• DATA FOR PROCESSING:
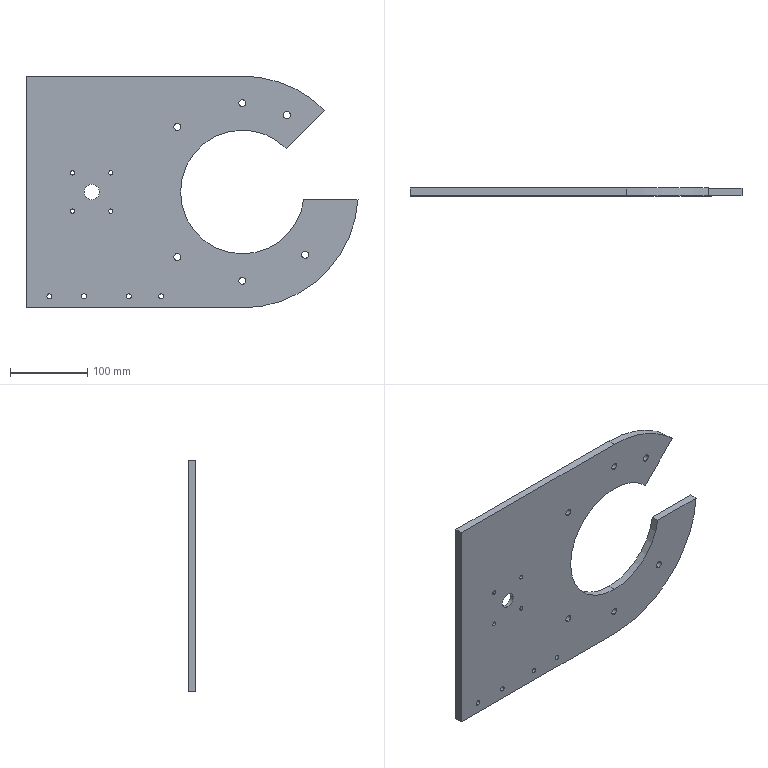Component | SolidWorks | FixedPlate-1 | 1 solid | 65 faces | volume 903849 mm3 | cylinder 37 | cone 20 | plane 8 | commonest cylinder face diameters 9 x12 6.5 x8 5.5 x8 160 x3 52 x2 20 x2 300 x2
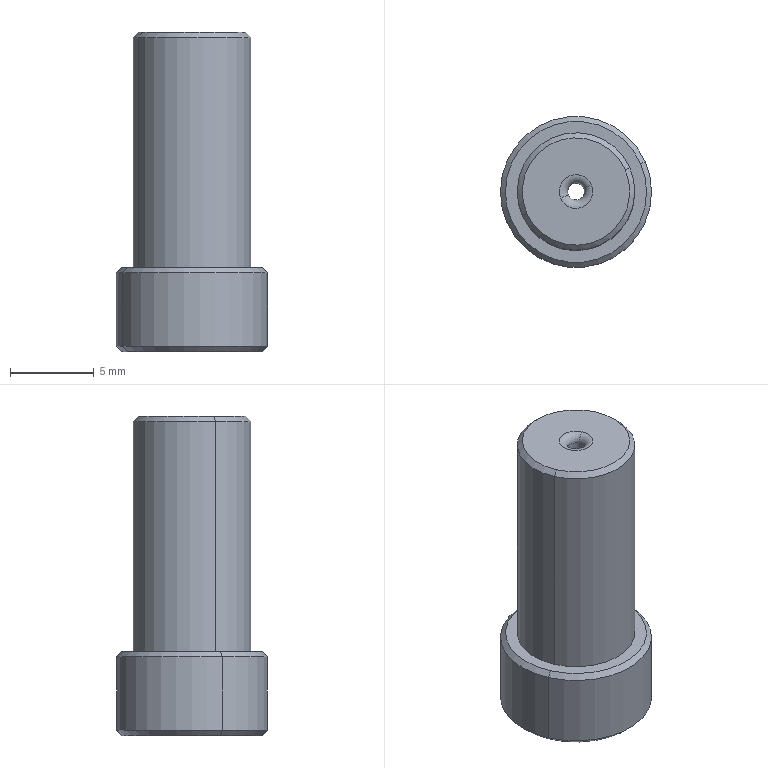Component | SolidWorks | AS-011-JG0135-1 | 1 solid | 19 faces | box 9 x 9 x 19 mm | volume 824 mm3 | cylinder 6 | cone 6 | torus 4 | plane 3 | commonest cylinder face diameters 1 x2 7 x2 9 x2
build123d program:
from build123d import *


with BuildPart() as part:
    # Sketch1 → Revolve1 (revolve)
    with BuildSketch(Plane.XY, mode=Mode.PRIVATE) as revolve1_sk:
        with BuildLine():
            Line((-4.938, 0.5), (-20.438, 0.5))
            ThreePointArc((-20.438, 0.5), (-20.792, 0.6464), (-20.938, 1))
            Line((-20.938, 1), (-20.938, 3.2))
            Line((-20.938, 3.2), (-20.638, 3.5))
            Line((-20.638, 3.5), (-6.938, 3.5))
            Line((-6.938, 3.5), (-6.938, 4.2))
            Line((-6.938, 4.2), (-6.638, 4.5))
            Line((-6.638, 4.5), (-2.238, 4.5))
            Line((-2.238, 4.5), (-1.938, 4.2))
            Line((-1.938, 4.2), (-1.938, 3.5))
            ThreePointArc((-1.938, 3.5), (-2.817, 1.379), (-4.938, 0.5))
        make_face()
    revolve(revolve1_sk.sketch.rotate(Axis((-20.938, 0, 0), (1, 0, 0)), 90), axis=Axis((-20.938, 0, 0), (1, 0, 0)))


solid = part.part

# Placed as in the assembly
solid = solid.moved(Location((-15, -28, -44.438), (0, 90, 0)))
STEP:
#1=COLOUR_RGB('',0.7922,0.8196,0.9333);
#2=FILL_AREA_STYLE_COLOUR('',#1);
#3=FILL_AREA_STYLE('',(#2));
#4=SURFACE_STYLE_FILL_AREA(#3);
#5=SURFACE_SIDE_STYLE('',(#4));
#6=SURFACE_STYLE_USAGE(.BOTH.,#5);
#7=PRESENTATION_STYLE_ASSIGNMENT((#6));
#8=CARTESIAN_POINT('',(-0.6086,-1.11,-1.555));
#9=VERTEX_POINT('',#8);
#10=CARTESIAN_POINT('',(-0.5725,-1.094,-1.555));
#11=VERTEX_POINT('',#10);
#12=CARTESIAN_POINT('',(-0.5906,-1.102,-1.555));
#13=DIRECTION('',(0.,0.,1.));
#14=DIRECTION('',(0.9157,0.4019,0.));
#15=AXIS2_PLACEMENT_3D('',#12,#13,#14);
#16=CIRCLE('',#15,0.01969);
#17=EDGE_CURVE('',#9,#11,#16,.T.);
#18=ORIENTED_EDGE('',*,*,#17,.F.);
#19=CARTESIAN_POINT('',(-0.6086,-1.11,-0.9449));
#20=VERTEX_POINT('',#19);
#21=CARTESIAN_POINT('',(-0.6086,-1.11,-0.9252));
#22=DIRECTION('',(0.,0.,1.));
#23=VECTOR('',#22,39.37);
#24=LINE('',#21,#23);
#25=EDGE_CURVE('',#9,#20,#24,.T.);
#26=ORIENTED_EDGE('',*,*,#25,.T.);
#27=CARTESIAN_POINT('',(-0.5725,-1.094,-0.9449));
#28=VERTEX_POINT('',#27);
#29=CARTESIAN_POINT('',(-0.5906,-1.102,-0.9449));
#30=DIRECTION('',(0.,0.,1.));
#31=DIRECTION('',(0.9157,0.4019,0.));
#32=AXIS2_PLACEMENT_3D('',#29,#30,#31);
#33=CIRCLE('',#32,0.01969);
#34=EDGE_CURVE('',#20,#28,#33,.T.);
#35=ORIENTED_EDGE('',*,*,#34,.T.);
#36=CARTESIAN_POINT('',(-0.5725,-1.094,-0.9252));
#37=DIRECTION('',(0.,0.,1.));
#38=VECTOR('',#37,39.37);
#39=LINE('',#36,#38);
#40=EDGE_CURVE('',#11,#28,#39,.T.);
#41=ORIENTED_EDGE('',*,*,#40,.F.);
#42=EDGE_LOOP('',(#18,#26,#35,#41));
#43=FACE_OUTER_BOUND('',#42,.T.);
#44=CARTESIAN_POINT('',(-0.5906,-1.102,-0.9252));
#45=DIRECTION('',(0.,0.,1.));
#46=DIRECTION('',(0.9157,0.4019,0.));
#47=AXIS2_PLACEMENT_3D('',#44,#45,#46);
#48=CYLINDRICAL_SURFACE('',#47,0.01969);
#49=ADVANCED_FACE('',(#43),#48,.F.);
#50=CARTESIAN_POINT('',(-0.5545,-1.087,-0.9252));
#51=VERTEX_POINT('',#50);
#52=CARTESIAN_POINT('',(-0.6266,-1.118,-0.9252));
#53=VERTEX_POINT('',#52);
#54=CARTESIAN_POINT('',(-0.5906,-1.102,-0.9252));
#55=DIRECTION('',(0.,0.,1.));
#56=DIRECTION('',(0.9157,0.4019,0.));
#57=AXIS2_PLACEMENT_3D('',#54,#55,#56);
#58=CIRCLE('',#57,0.03937);
#59=EDGE_CURVE('',#51,#53,#58,.T.);
#60=ORIENTED_EDGE('',*,*,#59,.T.);
#61=CARTESIAN_POINT('',(-0.6266,-1.118,-0.9449));
#62=DIRECTION('',(-0.4019,0.9157,-0.));
#63=DIRECTION('',(-0.9157,-0.4019,0.));
#64=AXIS2_PLACEMENT_3D('',#61,#62,#63);
#65=CIRCLE('',#64,0.01969);
#66=EDGE_CURVE('',#53,#20,#65,.T.);
#67=ORIENTED_EDGE('',*,*,#66,.T.);
#68=CARTESIAN_POINT('',(-0.5906,-1.102,-0.9449));
#69=DIRECTION('',(0.,0.,1.));
#70=DIRECTION('',(0.9157,0.4019,0.));
#71=AXIS2_PLACEMENT_3D('',#68,#69,#70);
#72=CIRCLE('',#71,0.01969);
#73=EDGE_CURVE('',#28,#20,#72,.T.);
#74=ORIENTED_EDGE('',*,*,#73,.F.);
#75=CARTESIAN_POINT('',(-0.5545,-1.087,-0.9449));
#76=DIRECTION('',(0.4019,-0.9157,0.));
#77=DIRECTION('',(0.9157,0.4019,0.));
#78=AXIS2_PLACEMENT_3D('',#75,#76,#77);
#79=CIRCLE('',#78,0.01969);
#80=EDGE_CURVE('',#51,#28,#79,.T.);
#81=ORIENTED_EDGE('',*,*,#80,.F.);
#82=EDGE_LOOP('',(#60,#67,#74,#81));
#83=FACE_OUTER_BOUND('',#82,.T.);
#84=CARTESIAN_POINT('',(-0.5906,-1.102,-0.9449));
#85=DIRECTION('',(0.,0.,1.));
#86=DIRECTION('',(0.9157,0.4019,-0.));
#87=AXIS2_PLACEMENT_3D('',#84,#85,#86);
#88=TOROIDAL_SURFACE('',#87,0.03937,0.01969);
#89=ADVANCED_FACE('',(#83),#88,.T.);
#90=CARTESIAN_POINT('',(-0.4752,-1.052,-0.9252));
#91=VERTEX_POINT('',#90);
#92=CARTESIAN_POINT('',(-0.7059,-1.153,-0.9252));
#93=VERTEX_POINT('',#92);
#94=CARTESIAN_POINT('',(-0.5906,-1.102,-0.9252));
#95=DIRECTION('',(0.,0.,1.));
#96=DIRECTION('',(0.9157,0.4019,0.));
#97=AXIS2_PLACEMENT_3D('',#94,#95,#96);
#98=CIRCLE('',#97,0.126);
#99=EDGE_CURVE('',#91,#93,#98,.T.);
#100=ORIENTED_EDGE('',*,*,#99,.F.);
#101=CARTESIAN_POINT('',(-0.4644,-1.047,-0.937));
#102=VERTEX_POINT('',#101);
#103=CARTESIAN_POINT('',(-0.4644,-1.047,-0.937));
#104=DIRECTION('',(0.6475,0.2842,-0.7071));
#105=VECTOR('',#104,39.37);
#106=LINE('',#103,#105);
#107=EDGE_CURVE('',#91,#102,#106,.T.);
#108=ORIENTED_EDGE('',*,*,#107,.T.);
#109=CARTESIAN_POINT('',(-0.7167,-1.158,-0.937));
#110=VERTEX_POINT('',#109);
#111=CARTESIAN_POINT('',(-0.5906,-1.102,-0.937));
#112=DIRECTION('',(0.,0.,1.));
#113=DIRECTION('',(0.9157,0.4019,0.));
#114=AXIS2_PLACEMENT_3D('',#111,#112,#113);
#115=CIRCLE('',#114,0.1378);
#116=EDGE_CURVE('',#102,#110,#115,.T.);
#117=ORIENTED_EDGE('',*,*,#116,.T.);
#118=CARTESIAN_POINT('',(-0.7167,-1.158,-0.937));
#119=DIRECTION('',(-0.6475,-0.2842,-0.7071));
#120=VECTOR('',#119,39.37);
#121=LINE('',#118,#120);
#122=EDGE_CURVE('',#93,#110,#121,.T.);
#123=ORIENTED_EDGE('',*,*,#122,.F.);
#124=EDGE_LOOP('',(#100,#108,#117,#123));
#125=FACE_OUTER_BOUND('',#124,.T.);
#126=CARTESIAN_POINT('',(-0.5906,-1.102,-0.937));
#127=DIRECTION('',(-0.,-0.,-1.));
#128=DIRECTION('',(-0.9157,-0.4019,0.));
#129=AXIS2_PLACEMENT_3D('',#126,#127,#128);
#130=CONICAL_SURFACE('',#129,0.1378,0.7854);
#131=ADVANCED_FACE('',(#125),#130,.T.);
#132=CARTESIAN_POINT('',(-0.4644,-1.047,-1.476));
#133=VERTEX_POINT('',#132);
#134=CARTESIAN_POINT('',(-0.7167,-1.158,-1.476));
#135=VERTEX_POINT('',#134);
#136=CARTESIAN_POINT('',(-0.5906,-1.102,-1.476));
#137=DIRECTION('',(0.,0.,1.));
#138=DIRECTION('',(0.9157,0.4019,0.));
#139=AXIS2_PLACEMENT_3D('',#136,#137,#138);
#140=CIRCLE('',#139,0.1378);
#141=EDGE_CURVE('',#133,#135,#140,.T.);
#142=ORIENTED_EDGE('',*,*,#141,.T.);
#143=CARTESIAN_POINT('',(-0.7167,-1.158,-0.9252));
#144=DIRECTION('',(0.,0.,1.));
#145=VECTOR('',#144,39.37);
#146=LINE('',#143,#145);
#147=EDGE_CURVE('',#135,#110,#146,.T.);
#148=ORIENTED_EDGE('',*,*,#147,.T.);
#149=ORIENTED_EDGE('',*,*,#116,.F.);
#150=CARTESIAN_POINT('',(-0.4644,-1.047,-0.9252));
#151=DIRECTION('',(0.,0.,1.));
#152=VECTOR('',#151,39.37);
#153=LINE('',#150,#152);
#154=EDGE_CURVE('',#133,#102,#153,.T.);
#155=ORIENTED_EDGE('',*,*,#154,.F.);
#156=EDGE_LOOP('',(#142,#148,#149,#155));
#157=FACE_OUTER_BOUND('',#156,.T.);
#158=CARTESIAN_POINT('',(-0.5906,-1.102,-0.9252));
#159=DIRECTION('',(0.,0.,1.));
#160=DIRECTION('',(0.9157,0.4019,0.));
#161=AXIS2_PLACEMENT_3D('',#158,#159,#160);
#162=CYLINDRICAL_SURFACE('',#161,0.1378);
#163=ADVANCED_FACE('',(#157),#162,.T.);
#164=CARTESIAN_POINT('',(-0.4391,-1.036,-1.476));
#165=VERTEX_POINT('',#164);
#166=CARTESIAN_POINT('',(-0.742,-1.169,-1.476));
#167=VERTEX_POINT('',#166);
#168=CARTESIAN_POINT('',(-0.5906,-1.102,-1.476));
#169=DIRECTION('',(0.,0.,1.));
#170=DIRECTION('',(0.9157,0.4019,0.));
#171=AXIS2_PLACEMENT_3D('',#168,#169,#170);
#172=CIRCLE('',#171,0.1654);
#173=EDGE_CURVE('',#165,#167,#172,.T.);
#174=ORIENTED_EDGE('',*,*,#173,.F.);
#175=CARTESIAN_POINT('',(-0.4283,-1.031,-1.488));
#176=VERTEX_POINT('',#175);
#177=CARTESIAN_POINT('',(-0.4283,-1.031,-1.488));
#178=DIRECTION('',(0.6475,0.2842,-0.7071));
#179=VECTOR('',#178,39.37);
#180=LINE('',#177,#179);
#181=EDGE_CURVE('',#165,#176,#180,.T.);
#182=ORIENTED_EDGE('',*,*,#181,.T.);
#183=CARTESIAN_POINT('',(-0.7528,-1.174,-1.488));
#184=VERTEX_POINT('',#183);
#185=CARTESIAN_POINT('',(-0.5906,-1.102,-1.488));
#186=DIRECTION('',(0.,0.,1.));
#187=DIRECTION('',(0.9157,0.4019,0.));
#188=AXIS2_PLACEMENT_3D('',#185,#186,#187);
#189=CIRCLE('',#188,0.1772);
#190=EDGE_CURVE('',#176,#184,#189,.T.);
#191=ORIENTED_EDGE('',*,*,#190,.T.);
#192=CARTESIAN_POINT('',(-0.7528,-1.174,-1.488));
#193=DIRECTION('',(-0.6475,-0.2842,-0.7071));
#194=VECTOR('',#193,39.37);
#195=LINE('',#192,#194);
#196=EDGE_CURVE('',#167,#184,#195,.T.);
#197=ORIENTED_EDGE('',*,*,#196,.F.);
#198=EDGE_LOOP('',(#174,#182,#191,#197));
#199=FACE_OUTER_BOUND('',#198,.T.);
#200=CARTESIAN_POINT('',(-0.5906,-1.102,-1.488));
#201=DIRECTION('',(-0.,-0.,-1.));
#202=DIRECTION('',(-0.9157,-0.4019,0.));
#203=AXIS2_PLACEMENT_3D('',#200,#201,#202);
#204=CONICAL_SURFACE('',#203,0.1772,0.7854);
#205=ADVANCED_FACE('',(#199),#204,.T.);
#206=CARTESIAN_POINT('',(-0.4283,-1.031,-1.661));
#207=VERTEX_POINT('',#206);
#208=CARTESIAN_POINT('',(-0.7528,-1.174,-1.661));
#209=VERTEX_POINT('',#208);
#210=CARTESIAN_POINT('',(-0.5906,-1.102,-1.661));
#211=DIRECTION('',(0.,0.,1.));
#212=DIRECTION('',(0.9157,0.4019,0.));
#213=AXIS2_PLACEMENT_3D('',#210,#211,#212);
#214=CIRCLE('',#213,0.1772);
#215=EDGE_CURVE('',#207,#209,#214,.T.);
#216=ORIENTED_EDGE('',*,*,#215,.T.);
#217=CARTESIAN_POINT('',(-0.7528,-1.174,-0.9252));
#218=DIRECTION('',(0.,0.,1.));
#219=VECTOR('',#218,39.37);
#220=LINE('',#217,#219);
#221=EDGE_CURVE('',#209,#184,#220,.T.);
#222=ORIENTED_EDGE('',*,*,#221,.T.);
#223=ORIENTED_EDGE('',*,*,#190,.F.);
#224=CARTESIAN_POINT('',(-0.4283,-1.031,-0.9252));
#225=DIRECTION('',(0.,0.,1.));
#226=VECTOR('',#225,39.37);
#227=LINE('',#224,#226);
#228=EDGE_CURVE('',#207,#176,#227,.T.);
#229=ORIENTED_EDGE('',*,*,#228,.F.);
#230=EDGE_LOOP('',(#216,#222,#223,#229));
#231=FACE_OUTER_BOUND('',#230,.T.);
#232=CARTESIAN_POINT('',(-0.5906,-1.102,-0.9252));
#233=DIRECTION('',(0.,0.,1.));
#234=DIRECTION('',(0.9157,0.4019,0.));
#235=AXIS2_PLACEMENT_3D('',#232,#233,#234);
#236=CYLINDRICAL_SURFACE('',#235,0.1772);
#237=ADVANCED_FACE('',(#231),#236,.T.);
#238=CARTESIAN_POINT('',(-0.4391,-1.036,-1.673));
#239=VERTEX_POINT('',#238);
#240=CARTESIAN_POINT('',(-0.742,-1.169,-1.673));
#241=VERTEX_POINT('',#240);
#242=CARTESIAN_POINT('',(-0.5906,-1.102,-1.673));
#243=DIRECTION('',(0.,0.,1.));
#244=DIRECTION('',(0.9157,0.4019,0.));
#245=AXIS2_PLACEMENT_3D('',#242,#243,#244);
#246=CIRCLE('',#245,0.1654);
#247=EDGE_CURVE('',#239,#241,#246,.T.);
#248=ORIENTED_EDGE('',*,*,#247,.T.);
#249=CARTESIAN_POINT('',(-0.742,-1.169,-1.673));
#250=DIRECTION('',(-0.6475,-0.2842,0.7071));
#251=VECTOR('',#250,39.37);
#252=LINE('',#249,#251);
#253=EDGE_CURVE('',#241,#209,#252,.T.);
#254=ORIENTED_EDGE('',*,*,#253,.T.);
#255=ORIENTED_EDGE('',*,*,#215,.F.);
#256=CARTESIAN_POINT('',(-0.4391,-1.036,-1.673));
#257=DIRECTION('',(0.6475,0.2842,0.7071));
#258=VECTOR('',#257,39.37);
#259=LINE('',#256,#258);
#260=EDGE_CURVE('',#239,#207,#259,.T.);
#261=ORIENTED_EDGE('',*,*,#260,.F.);
#262=EDGE_LOOP('',(#248,#254,#255,#261));
#263=FACE_OUTER_BOUND('',#262,.T.);
#264=CARTESIAN_POINT('',(-0.5906,-1.102,-1.673));
#265=DIRECTION('',(0.,0.,1.));
#266=DIRECTION('',(0.9157,0.4019,0.));
#267=AXIS2_PLACEMENT_3D('',#264,#265,#266);
#268=CONICAL_SURFACE('',#267,0.1654,0.7854);
#269=ADVANCED_FACE('',(#263),#268,.T.);
#270=CARTESIAN_POINT('',(-0.5906,-1.102,-1.555));
#271=DIRECTION('',(0.,0.,1.));
#272=DIRECTION('',(0.9157,0.4019,0.));
#273=AXIS2_PLACEMENT_3D('',#270,#271,#272);
#274=CIRCLE('',#273,0.01969);
#275=EDGE_CURVE('',#11,#9,#274,.T.);
#276=ORIENTED_EDGE('',*,*,#275,.T.);
#277=CARTESIAN_POINT('',(-0.7167,-1.158,-1.673));
#278=VERTEX_POINT('',#277);
#279=CARTESIAN_POINT('',(-0.7167,-1.158,-1.555));
#280=DIRECTION('',(-0.4019,0.9157,-0.));
#281=DIRECTION('',(-0.9157,-0.4019,0.));
#282=AXIS2_PLACEMENT_3D('',#279,#280,#281);
#283=CIRCLE('',#282,0.1181);
#284=EDGE_CURVE('',#9,#278,#283,.T.);
#285=ORIENTED_EDGE('',*,*,#284,.T.);
#286=CARTESIAN_POINT('',(-0.4644,-1.047,-1.673));
#287=VERTEX_POINT('',#286);
#288=CARTESIAN_POINT('',(-0.5906,-1.102,-1.673));
#289=DIRECTION('',(0.,0.,1.));
#290=DIRECTION('',(0.9157,0.4019,0.));
#291=AXIS2_PLACEMENT_3D('',#288,#289,#290);
#292=CIRCLE('',#291,0.1378);
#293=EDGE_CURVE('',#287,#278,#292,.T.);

• PROBLEM DETAILS:
All that should be returned is the run of lines from the start of the entries above to the line bearing "Line((-20.638, 3.5), (-6.938, 3.5))", each exact, with pictures omitted.

• THE COMPLETED TASK:
Component | SolidWorks | FixedPlate-1 | 1 solid | 65 faces | volume 903849 mm3 | cylinder 37 | cone 20 | plane 8 | commonest cylinder face diameters 9 x12 6.5 x8 5.5 x8 160 x3 52 x2 20 x2 300 x2
Component | SolidWorks | AS-011-JG0135-1 | 1 solid | 19 faces | box 9 x 9 x 19 mm | volume 824 mm3 | cylinder 6 | cone 6 | torus 4 | plane 3 | commonest cylinder face diameters 1 x2 7 x2 9 x2
build123d program:
from build123d import *


with BuildPart() as part:
    # Sketch1 → Revolve1 (revolve)
    with BuildSketch(Plane.XY, mode=Mode.PRIVATE) as revolve1_sk:
        with BuildLine():
            Line((-4.938, 0.5), (-20.438, 0.5))
            ThreePointArc((-20.438, 0.5), (-20.792, 0.6464), (-20.938, 1))
            Line((-20.938, 1), (-20.938, 3.2))
            Line((-20.938, 3.2), (-20.638, 3.5))
            Line((-20.638, 3.5), (-6.938, 3.5))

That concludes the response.